PROBLEM REQUIREMENTS
Lift every line from the entries that includes the word "OverallWidth".

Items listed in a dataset

★ ★ ★

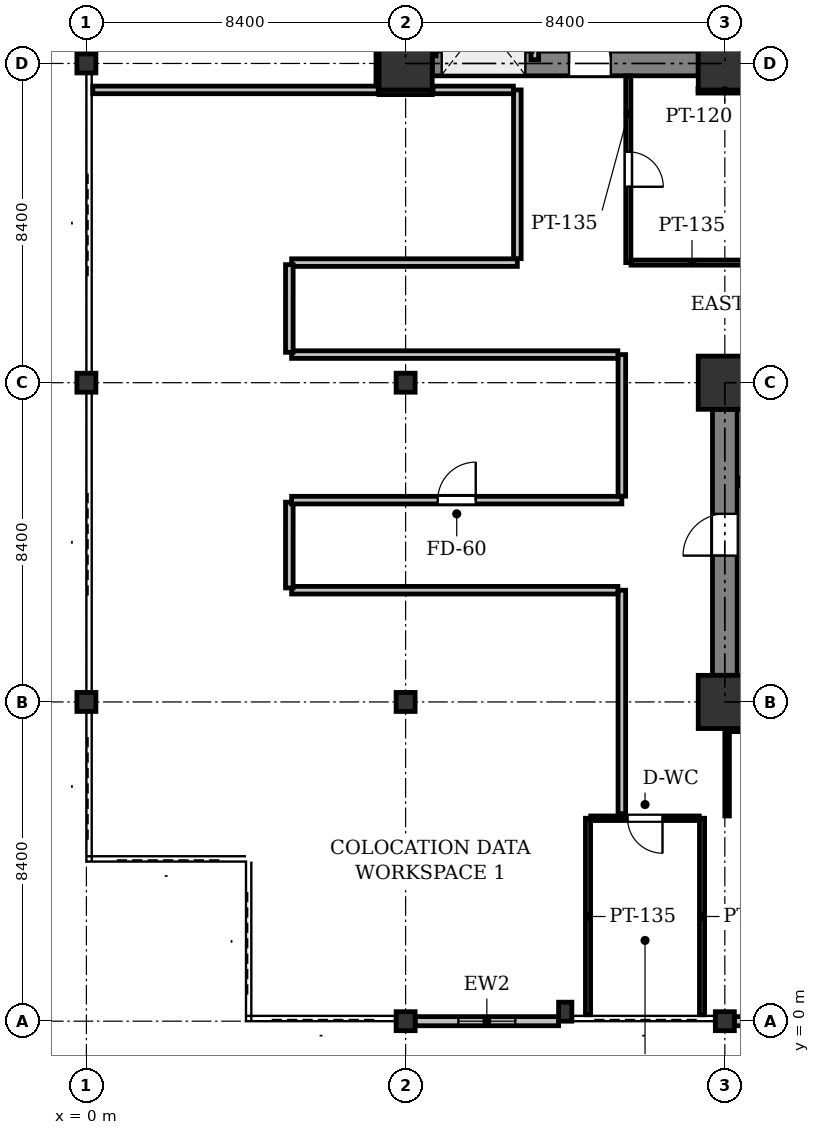
"""IFC4 building model, lengths in metres.
Left out: names, types, materials, properties, quantities, classifications, styles, units other than length and angle.
Written with IfcOpenShell. Run it as: python <this file> out.ifc"""

import sys

from ifc_helpers import new_model, si_unit, direction, frame, frame_2d, origin, origin_2d, place, context, subcontext, project, spatial, rectangle, i_section, extrude, element, fill, save


model = new_model("IFC4")
c1 = context("Model", 3, precision=1e-05, world=origin(), true_north=direction((0.0, 1.0)))
c2 = subcontext(c1, "Body", "Model", "MODEL_VIEW")
j1 = project(units=[si_unit("LENGTHUNIT", "METRE"), si_unit("PLANEANGLEUNIT", "RADIAN")], contexts=[c1])
p1 = place(None, origin())
s1 = spatial("IfcSite", under=j1, at=p1, CompositionType="ELEMENT")
p2 = place(p1, origin())
s2 = spatial("IfcBuilding", under=s1, at=p2, CompositionType="ELEMENT")
p3 = place(p2, frame((0.0, 0.0, 62.6)))
s3 = spatial("IfcBuildingStorey", under=s2, at=p3, CompositionType="ELEMENT", Elevation=62.6)
for number, where, z_axis, x_axis in (
    (1, (0.0, 8.4, 0.0), (0.0, 0.0, 1.0), (1.0, 0.0, 0.0)),
    (2, (0.0, 16.8, 0.0), (0.0, 0.0, 1.0), (1.0, 0.0, 0.0)),
    (3, (0.0, 25.2, 0.0), (0.0, 0.0, 1.0), (1.0, 0.0, 0.0)),
    (4, (8.4, 0.0, 0.0), (0.0, 0.0, 1.0), (1.0, 0.0, 0.0)),
    (5, (8.4, 8.4, 0.0), (0.0, 0.0, 1.0), (1.0, 0.0, 0.0)),
    (6, (8.4, 16.8, 0.0), (0.0, 0.0, 1.0), (1.0, 0.0, 0.0)),
):
    element("IfcColumn", number, at=place(p3, frame(where, z_axis=z_axis, x_axis=x_axis)), inside=s3, PredefinedType="COLUMN", context=c2, shape_type="SweptSolid", body=[
        extrude(i_section(OverallWidth=0.5, OverallDepth=0.5, WebThickness=0.028, FlangeThickness=0.04, at=origin_2d()), origin(), (0.0, 0.0, 1.0), 4.2),
    ])
p4 = place(p3, frame((8.4, 25.2, 0.0), z_axis=(0.0, 0.0, 1.0), x_axis=(1.0, 0.0, 0.0)))
e7 = element("IfcColumn", 7, at=p4, inside=s3, PredefinedType="COLUMN", context=c2, shape_type="SweptSolid", body=[
    extrude(rectangle(XDim=1.4, YDim=1.4, at=origin_2d()), origin(), (0.0, 0.0, 1.0), 4.2),
])
p5 = place(p3, frame((16.8, 0.0, 0.0), z_axis=(0.0, 0.0, 1.0), x_axis=(1.0, 0.0, 0.0)))
e8 = element("IfcColumn", 8, at=p5, inside=s3, PredefinedType="COLUMN", context=c2, shape_type="SweptSolid", body=[
    extrude(i_section(OverallWidth=0.5, OverallDepth=0.5, WebThickness=0.028, FlangeThickness=0.04, at=origin_2d()), origin(), (0.0, 0.0, 1.0), 4.2),
])
for number, where, z_axis, x_axis in (
    (9, (16.8, 8.4, 0.0), (0.0, 0.0, 1.0), (1.0, 0.0, 0.0)),
    (10, (16.8, 16.8, 0.0), (0.0, 0.0, 1.0), (1.0, 0.0, 0.0)),
    (11, (16.8, 25.2, 0.0), (0.0, 0.0, 1.0), (1.0, 0.0, 0.0)),
):
    element("IfcColumn", number, at=place(p3, frame(where, z_axis=z_axis, x_axis=x_axis)), inside=s3, PredefinedType="COLUMN", context=c2, shape_type="SweptSolid", body=[
        extrude(rectangle(XDim=1.4, YDim=1.4, at=origin_2d()), origin(), (0.0, 0.0, 1.0), 4.2),
    ])
p6 = place(p3, frame((12.6, 0.25, 0.0), z_axis=(0.0, 0.0, 1.0), x_axis=(1.0, 0.0, 0.0)))
e12 = element("IfcColumn", 12, at=p6, inside=s3, PredefinedType="PILASTER", context=c2, shape_type="SweptSolid", body=[
    extrude(rectangle(XDim=0.35, YDim=0.5, at=origin_2d()), origin(), (0.0, 0.0, 1.0), 4.2),
])
p7 = place(p3, frame((20.825, 0.0, 0.0), z_axis=(0.0, 0.0, 1.0), x_axis=(-1.0, 0.0, 0.0)))
e13 = element("IfcWall", 13, at=p7, inside=s3, PredefinedType="STANDARD", context=c2, shape_type="SweptSolid", body=[
    extrude(rectangle(XDim=3.775, YDim=0.24, at=frame_2d((1.887, 0.0))), origin(), (0.0, 0.0, 1.0), 3.471),
])
p8 = place(p7, frame((1.137, 0.0, 0.9)))
e14 = element("IfcOpeningElement", 14, at=p8, cuts=e13, PredefinedType="OPENING", context=c2, shape_type="SweptSolid", body=[
    extrude(rectangle(XDim=1.5, YDim=1.6, at=frame_2d((0.75, 0.8))), frame((0.0, 0.13, 0.0), z_axis=(0.0, -1.0, 0.0), x_axis=(1.0, 0.0, 0.0)), (0.0, 0.0, 1.0), 0.26),
])
p9 = place(p3, frame((12.425, 0.0, 0.0), z_axis=(0.0, 0.0, 1.0), x_axis=(-1.0, 0.0, 0.0)))
e15 = element("IfcWall", 15, at=p9, inside=s3, PredefinedType="STANDARD", context=c2, shape_type="SweptSolid", body=[
    extrude(rectangle(XDim=3.775, YDim=0.24, at=frame_2d((1.888, 0.0))), origin(), (0.0, 0.0, 1.0), 3.471),
])
p10 = place(p9, frame((1.137, 0.0, 0.9)))
e16 = element("IfcOpeningElement", 16, at=p10, cuts=e15, PredefinedType="OPENING", context=c2, shape_type="SweptSolid", body=[
    extrude(rectangle(XDim=1.5, YDim=1.6, at=frame_2d((0.75, 0.8))), frame((0.0, 0.13, 0.0), z_axis=(0.0, -1.0, 0.0), x_axis=(1.0, 0.0, 0.0)), (0.0, 0.0, 1.0), 0.26),
])
p11 = place(p3, frame((9.1, 25.2, 0.0), z_axis=(0.0, 0.0, 1.0), x_axis=(1.0, 0.0, 0.0)))
e17 = element("IfcWall", 17, at=p11, inside=s3, PredefinedType="SHEAR", context=c2, shape_type="SweptSolid", body=[
    extrude(rectangle(XDim=7.0, YDim=0.65, at=frame_2d((3.5, 0.0))), origin(), (0.0, 0.0, 1.0), 3.925),
])
p12 = place(p11, frame((3.6, 0.0, 0.0)))
e18 = element("IfcOpeningElement", 18, at=p12, cuts=e17, PredefinedType="OPENING", context=c2, shape_type="SweptSolid", body=[
    extrude(rectangle(XDim=1.1, YDim=2.15, at=frame_2d((0.55, 1.075))), frame((0.0, 0.335, 0.0), z_axis=(0.0, -1.0, 0.0), x_axis=(1.0, 0.0, 0.0)), (0.0, 0.0, 1.0), 0.67),
])
p13 = place(p3, frame((16.8, 9.1, 0.0), z_axis=(0.0, 0.0, 1.0), x_axis=(0.0, 1.0, 0.0)))
e19 = element("IfcWall", 19, at=p13, inside=s3, PredefinedType="SHEAR", context=c2, shape_type="SweptSolid", body=[
    extrude(rectangle(XDim=7.0, YDim=0.65, at=frame_2d((3.5, 0.0))), origin(), (0.0, 0.0, 1.0), 3.925),
])
p14 = place(p13, frame((3.15, 0.0, 0.0)))
e20 = element("IfcOpeningElement", 20, at=p14, cuts=e19, PredefinedType="OPENING", context=c2, shape_type="SweptSolid", body=[
    extrude(rectangle(XDim=1.1, YDim=2.15, at=frame_2d((0.55, 1.075))), frame((0.0, 0.335, 0.0), z_axis=(0.0, -1.0, 0.0), x_axis=(1.0, 0.0, 0.0)), (0.0, 0.0, 1.0), 0.67),
])
p15 = place(p3, frame((11.8, 25.3, 0.0), z_axis=(0.0, 0.0, 1.0), x_axis=(0.0, 1.0, 0.0)))
e21 = element("IfcWall", 21, at=p15, inside=s3, PredefinedType="PARTITIONING", context=c2, shape_type="SweptSolid", body=[
    extrude(rectangle(XDim=2.0, YDim=0.2, at=frame_2d((1.0, 0.0))), origin(), (0.0, 0.0, 1.0), 3.925),
])
p16 = place(p15, frame((0.45, 0.0, 0.0)))
e22 = element("IfcOpeningElement", 22, at=p16, cuts=e21, PredefinedType="OPENING", context=c2, shape_type="SweptSolid", body=[
    extrude(rectangle(XDim=1.1, YDim=2.2, at=frame_2d((0.55, 1.1))), frame((0.0, 0.11, 0.0), z_axis=(0.0, -1.0, 0.0), x_axis=(1.0, 0.0, 0.0)), (0.0, 0.0, 1.0), 0.22),
])
p17 = place(p3, frame((9.1, 25.4, 0.0), z_axis=(0.0, 0.0, 1.0), x_axis=(0.0, 1.0, 0.0)))
e23 = element("IfcWall", 23, at=p17, inside=s3, PredefinedType="PARTITIONING", context=c2, shape_type="SweptSolid", body=[
    extrude(rectangle(XDim=1.8, YDim=0.2, at=frame_2d((0.9, 0.0))), origin(), (0.0, 0.0, 1.0), 3.925),
])
for number, where, z_axis, x_axis in (
    (24, (13.2, 5.34, 0.0), (0.0, 0.0, 1.0), (0.0, -1.0, 0.0)),
    (25, (16.2, 0.169, 0.0), (0.0, 0.0, 1.0), (0.0, 1.0, 0.0)),
):
    element("IfcWall", number, at=place(p3, frame(where, z_axis=z_axis, x_axis=x_axis)), inside=s3, PredefinedType="PARTITIONING", context=c2, shape_type="SweptSolid", body=[
        extrude(rectangle(XDim=5.171, YDim=0.135, at=frame_2d((2.585, 0.0))), origin(), (0.0, 0.0, 1.0), 3.925),
    ])
p18 = place(p3, frame((16.128, 5.34, 0.0), z_axis=(0.0, 0.0, 1.0), x_axis=(-1.0, 0.0, 0.0)))
e26 = element("IfcWall", 26, at=p18, inside=s3, PredefinedType="PARTITIONING", context=c2, shape_type="SweptSolid", body=[
    extrude(rectangle(XDim=2.857, YDim=0.12, at=frame_2d((1.428, 0.0))), origin(), (0.0, 0.0, 1.0), 3.925),
])
p19 = place(p18, frame((0.969, 0.0, 0.0)))
e27 = element("IfcOpeningElement", 27, at=p19, cuts=e26, PredefinedType="OPENING", context=c2, shape_type="SweptSolid", body=[
    extrude(rectangle(XDim=0.92, YDim=2.1, at=frame_2d((0.46, 1.05))), frame((0.0, 0.07, 0.0), z_axis=(0.0, -1.0, 0.0), x_axis=(1.0, 0.0, 0.0)), (0.0, 0.0, 1.0), 0.14),
])
p20 = place(p3, frame((17.502, 24.48, 0.0), z_axis=(0.0, 0.0, 1.0), x_axis=(-0.999999759375, 0.000693721651, 0.0)))
e28 = element("IfcWall", 28, at=p20, inside=s3, PredefinedType="PARTITIONING", context=c2, shape_type="SweptSolid", body=[
    extrude(rectangle(XDim=1.408, YDim=0.12, at=frame_2d((0.704, 0.0))), origin(), (0.0, 0.0, 1.0), 3.323),
])
p21 = place(p3, frame((14.26, 24.871, 0.0), z_axis=(0.0, 0.0, 1.0), x_axis=(0.0, -1.0, 0.0)))
e29 = element("IfcWall", 29, at=p21, inside=s3, PredefinedType="PARTITIONING", context=c2, shape_type="SweptSolid", body=[
    extrude(rectangle(XDim=4.911, YDim=0.135, at=frame_2d((2.456, 0.0))), origin(), (0.0, 0.0, 1.0), 3.925),
])
p22 = place(p21, frame((1.996, 0.0, 0.0)))
e30 = element("IfcOpeningElement", 30, at=p22, cuts=e29, PredefinedType="OPENING", context=c2, shape_type="SweptSolid", body=[
    extrude(rectangle(XDim=0.92, YDim=2.1, at=frame_2d((0.46, 1.05))), frame((0.0, 0.077, 0.0), z_axis=(0.0, -1.0, 0.0), x_axis=(1.0, 0.0, 0.0)), (0.0, 0.0, 1.0), 0.155),
])
p23 = place(p3, frame((14.332, 19.96, 0.0), z_axis=(0.0, 0.0, 1.0), x_axis=(1.0, 0.0, 0.0)))
e31 = element("IfcWall", 31, at=p23, inside=s3, PredefinedType="PARTITIONING", context=c2, shape_type="SweptSolid", body=[
    extrude(rectangle(XDim=3.208, YDim=0.135, at=frame_2d((1.604, 0.0))), origin(), (0.0, 0.0, 1.0), 3.323),
])
p24 = place(p3, frame((17.5, 7.68, 0.0), z_axis=(0.0, 0.0, 1.0), x_axis=(-1.0, 0.0, 0.0)))
e32 = element("IfcWall", 32, at=p24, inside=s3, PredefinedType="PARTITIONING", context=c2, shape_type="SweptSolid", body=[
    extrude(rectangle(XDim=0.64, YDim=0.12, at=frame_2d((0.32, 0.0))), origin(), (0.0, 0.0, 1.0), 3.323),
])
p25 = place(p3, frame((16.86, 7.616, 0.0), z_axis=(0.0, 0.0, 1.0), x_axis=(0.0, -1.0, 0.0)))
e33 = element("IfcWall", 33, at=p25, inside=s3, PredefinedType="PARTITIONING", context=c2, shape_type="SweptSolid", body=[
    extrude(rectangle(XDim=2.216, YDim=0.12, at=frame_2d((1.108, 0.0))), origin(), (0.0, 0.0, 1.0), 3.323),
])
p26 = place(p3, frame((5.4, 19.96, 0.0), z_axis=(0.0, 0.0, 1.0), x_axis=(1.0, 0.0, 0.0)))
e34 = element("IfcWall", 34, at=p26, inside=s3, PredefinedType="PARTITIONING", context=c2, shape_type="SweptSolid", body=[
    extrude(rectangle(XDim=5.94, YDim=0.2, at=frame_2d((2.97, 0.0))), origin(), (0.0, 0.0, 1.0), 3.323),
])
p27 = place(p3, frame((11.34, 20.064, 0.0), z_axis=(0.0, 0.0, 1.0), x_axis=(0.0, 1.0, 0.0)))
e35 = element("IfcWall", 35, at=p27, inside=s3, PredefinedType="PARTITIONING", context=c2, shape_type="SweptSolid", body=[
    extrude(rectangle(XDim=4.44, YDim=0.2, at=frame_2d((2.22, 0.0))), origin(), (0.0, 0.0, 1.0), 3.925),
])
p28 = place(p3, frame((11.236, 24.504, 0.0), z_axis=(0.0, 0.0, 1.0), x_axis=(-1.0, 0.0, 0.0)))
e36 = element("IfcWall", 36, at=p28, inside=s3, PredefinedType="PARTITIONING", context=c2, shape_type="SweptSolid", body=[
    extrude(rectangle(XDim=2.116, YDim=0.2, at=frame_2d((1.058, 0.0))), origin(), (0.0, 0.0, 1.0), 3.925),
])
p29 = place(p3, frame((9.1, 24.48, 0.0), z_axis=(0.0, 0.0, 1.0), x_axis=(-1.0, 0.0, 0.0)))
e37 = element("IfcWall", 37, at=p29, inside=s3, PredefinedType="PARTITIONING", context=c2, shape_type="SweptSolid", body=[
    extrude(rectangle(XDim=1.4, YDim=0.2, at=frame_2d((0.7, 0.0))), origin(), (0.0, 0.0, 1.0), 3.323),
])
p30 = place(p3, frame((7.68, 24.504, 0.0), z_axis=(0.0, 0.0, 1.0), x_axis=(-1.0, 0.0, 0.0)))
e38 = element("IfcWall", 38, at=p30, inside=s3, PredefinedType="PARTITIONING", context=c2, shape_type="SweptSolid", body=[
    extrude(rectangle(XDim=7.511, YDim=0.2, at=frame_2d((3.755, 0.0))), origin(), (0.0, 0.0, 1.0), 3.566),
])
p31 = place(p3, frame((14.09, 5.46, 0.0), z_axis=(0.0, 0.0, 1.0), x_axis=(0.0, 1.0, 0.0)))
e39 = element("IfcWall", 39, at=p31, inside=s3, PredefinedType="PARTITIONING", context=c2, shape_type="SweptSolid", body=[
    extrude(rectangle(XDim=5.88, YDim=0.2, at=frame_2d((2.94, 0.0))), origin(), (0.0, 0.0, 1.0), 3.313),
])
p32 = place(p3, frame((13.986, 11.34, 0.0), z_axis=(0.0, 0.0, 1.0), x_axis=(-1.0, 0.0, 0.0)))
e40 = element("IfcWall", 40, at=p32, inside=s3, PredefinedType="PARTITIONING", context=c2, shape_type="SweptSolid", body=[
    extrude(rectangle(XDim=8.586, YDim=0.2, at=frame_2d((4.293, 0.0))), origin(), (0.0, 0.0, 1.0), 3.323),
])
p33 = place(p3, frame((5.34, 11.4, 0.0), z_axis=(0.0, 0.0, 1.0), x_axis=(0.000108213396, 0.999999994145, 0.0)))
e41 = element("IfcWall", 41, at=p33, inside=s3, PredefinedType="PARTITIONING", context=c2, shape_type="SweptSolid", body=[
    extrude(rectangle(XDim=2.256, YDim=0.2, at=frame_2d((1.128, 0.0))), origin(), (0.0, 0.0, 1.0), 3.925),
])
p34 = place(p3, frame((5.4, 13.71, 0.0), z_axis=(0.0, 0.0, 1.0), x_axis=(1.0, 0.0, 0.0)))
e42 = element("IfcWall", 42, at=p34, inside=s3, PredefinedType="PARTITIONING", context=c2, shape_type="SweptSolid", body=[
    extrude(rectangle(XDim=8.69, YDim=0.2, at=frame_2d((4.345, 0.0))), origin(), (0.0, 0.0, 1.0), 3.323),
])
p35 = place(p34, frame((3.845, 0.0, 0.0)))
e43 = element("IfcOpeningElement", 43, at=p35, cuts=e42, PredefinedType="OPENING", context=c2, shape_type="SweptSolid", body=[
    extrude(rectangle(XDim=1.0, YDim=2.15, at=frame_2d((0.5, 1.075))), frame((0.0, 0.11, 0.0), z_axis=(0.0, -1.0, 0.0), x_axis=(1.0, 0.0, 0.0)), (0.0, 0.0, 1.0), 0.22),
])
p36 = place(p3, frame((14.09, 13.814, 0.0), z_axis=(0.0, 0.0, 1.0), x_axis=(0.0, 1.0, 0.0)))
e44 = element("IfcWall", 44, at=p36, inside=s3, PredefinedType="PARTITIONING", context=c2, shape_type="SweptSolid", body=[
    extrude(rectangle(XDim=3.726, YDim=0.2, at=frame_2d((1.863, 0.0))), origin(), (0.0, 0.0, 1.0), 3.313),
])
p37 = place(p3, frame((13.986, 17.54, 0.0), z_axis=(0.0, 0.0, 1.0), x_axis=(-1.0, 0.0, 0.0)))
e45 = element("IfcWall", 45, at=p37, inside=s3, PredefinedType="PARTITIONING", context=c2, shape_type="SweptSolid", body=[
    extrude(rectangle(XDim=8.586, YDim=0.2, at=frame_2d((4.293, 0.0))), origin(), (0.0, 0.0, 1.0), 3.323),
])
p38 = place(p3, frame((5.34, 17.6, 0.0), z_axis=(0.0, 0.0, 1.0), x_axis=(0.000105876124, 0.999999994395, 0.0)))
e46 = element("IfcWall", 46, at=p38, inside=s3, PredefinedType="PARTITIONING", context=c2, shape_type="SweptSolid", body=[
    extrude(rectangle(XDim=2.306, YDim=0.2, at=frame_2d((1.153, 0.0))), origin(), (0.0, 0.0, 1.0), 3.925),
])
p39 = place(p3, frame((7.68, 24.624, 0.0), z_axis=(0.0, 0.0, 1.0), x_axis=(0.000761759444, 0.999999709861, 0.0)))
e47 = element("IfcWall", 47, at=p39, inside=s3, PredefinedType="PARTITIONING", context=c2, shape_type="SweptSolid", body=[
    extrude(rectangle(XDim=1.282, YDim=0.12, at=frame_2d((0.641, 0.0))), origin(), (0.0, 0.0, 1.0), 3.313),
])
p40 = place(p10, origin())
e48 = element("IfcWindow", 48, at=p40, inside=s3, PartitioningType="SINGLE_PANEL", PredefinedType="WINDOW", context=c2, shape_type="SweptSolid", body=[
    extrude(rectangle(XDim=1.5, YDim=1.6, at=frame_2d((0.75, 0.8))), frame((0.0, 0.03, 0.0), z_axis=(0.0, -1.0, 0.0), x_axis=(1.0, 0.0, 0.0)), (0.0, 0.0, 1.0), 0.06),
])
fill(e16, e48)
p41 = place(p12, origin())
e49 = element("IfcDoor", 49, at=p41, inside=s3, OperationType="SINGLE_SWING_LEFT", PredefinedType="DOOR", context=c2, shape_type="SweptSolid", body=[
    extrude(rectangle(XDim=1.1, YDim=2.15, at=frame_2d((0.55, 1.075))), frame((0.0, 0.025, 0.0), z_axis=(0.0, -1.0, 0.0), x_axis=(1.0, 0.0, 0.0)), (0.0, 0.0, 1.0), 0.05),
])
fill(e18, e49)
p42 = place(p14, origin())
e50 = element("IfcDoor", 50, at=p42, inside=s3, OperationType="SINGLE_SWING_LEFT", PredefinedType="DOOR", context=c2, shape_type="SweptSolid", body=[
    extrude(rectangle(XDim=1.1, YDim=2.15, at=frame_2d((0.55, 1.075))), frame((0.0, 0.025, 0.0), z_axis=(0.0, -1.0, 0.0), x_axis=(1.0, 0.0, 0.0)), (0.0, 0.0, 1.0), 0.05),
])
fill(e20, e50)
p43 = place(p19, origin())
e51 = element("IfcDoor", 51, at=p43, inside=s3, OperationType="SINGLE_SWING_LEFT", PredefinedType="DOOR", context=c2, shape_type="SweptSolid", body=[
    extrude(rectangle(XDim=0.92, YDim=2.1, at=frame_2d((0.46, 1.05))), frame((0.0, 0.025, 0.0), z_axis=(0.0, -1.0, 0.0), x_axis=(1.0, 0.0, 0.0)), (0.0, 0.0, 1.0), 0.05),
])
fill(e27, e51)
p44 = place(p22, origin())
e52 = element("IfcDoor", 52, at=p44, inside=s3, OperationType="SINGLE_SWING_RIGHT", PredefinedType="DOOR", context=c2, shape_type="SweptSolid", body=[
    extrude(rectangle(XDim=0.92, YDim=2.1, at=frame_2d((0.46, 1.05))), frame((0.0, 0.025, 0.0), z_axis=(0.0, -1.0, 0.0), x_axis=(1.0, 0.0, 0.0)), (0.0, 0.0, 1.0), 0.05),
])
fill(e30, e52)
p45 = place(p35, origin())
e53 = element("IfcDoor", 53, at=p45, inside=s3, OperationType="SINGLE_SWING_RIGHT", PredefinedType="DOOR", context=c2, shape_type="SweptSolid", body=[
    extrude(rectangle(XDim=1.0, YDim=2.15, at=frame_2d((0.5, 1.075))), frame((0.0, 0.025, 0.0), z_axis=(0.0, -1.0, 0.0), x_axis=(1.0, 0.0, 0.0)), (0.0, 0.0, 1.0), 0.05),
])
fill(e43, e53)
save(model, sys.argv[1])

★ ★ ★

RESPONSE TO THIS TASK
        extrude(i_section(OverallWidth=0.5, OverallDepth=0.5, WebThickness=0.028, FlangeThickness=0.04, at=origin_2d()), origin(), (0.0, 0.0, 1.0), 4.2),
    extrude(i_section(OverallWidth=0.5, OverallDepth=0.5, WebThickness=0.028, FlangeThickness=0.04, at=origin_2d()), origin(), (0.0, 0.0, 1.0), 4.2),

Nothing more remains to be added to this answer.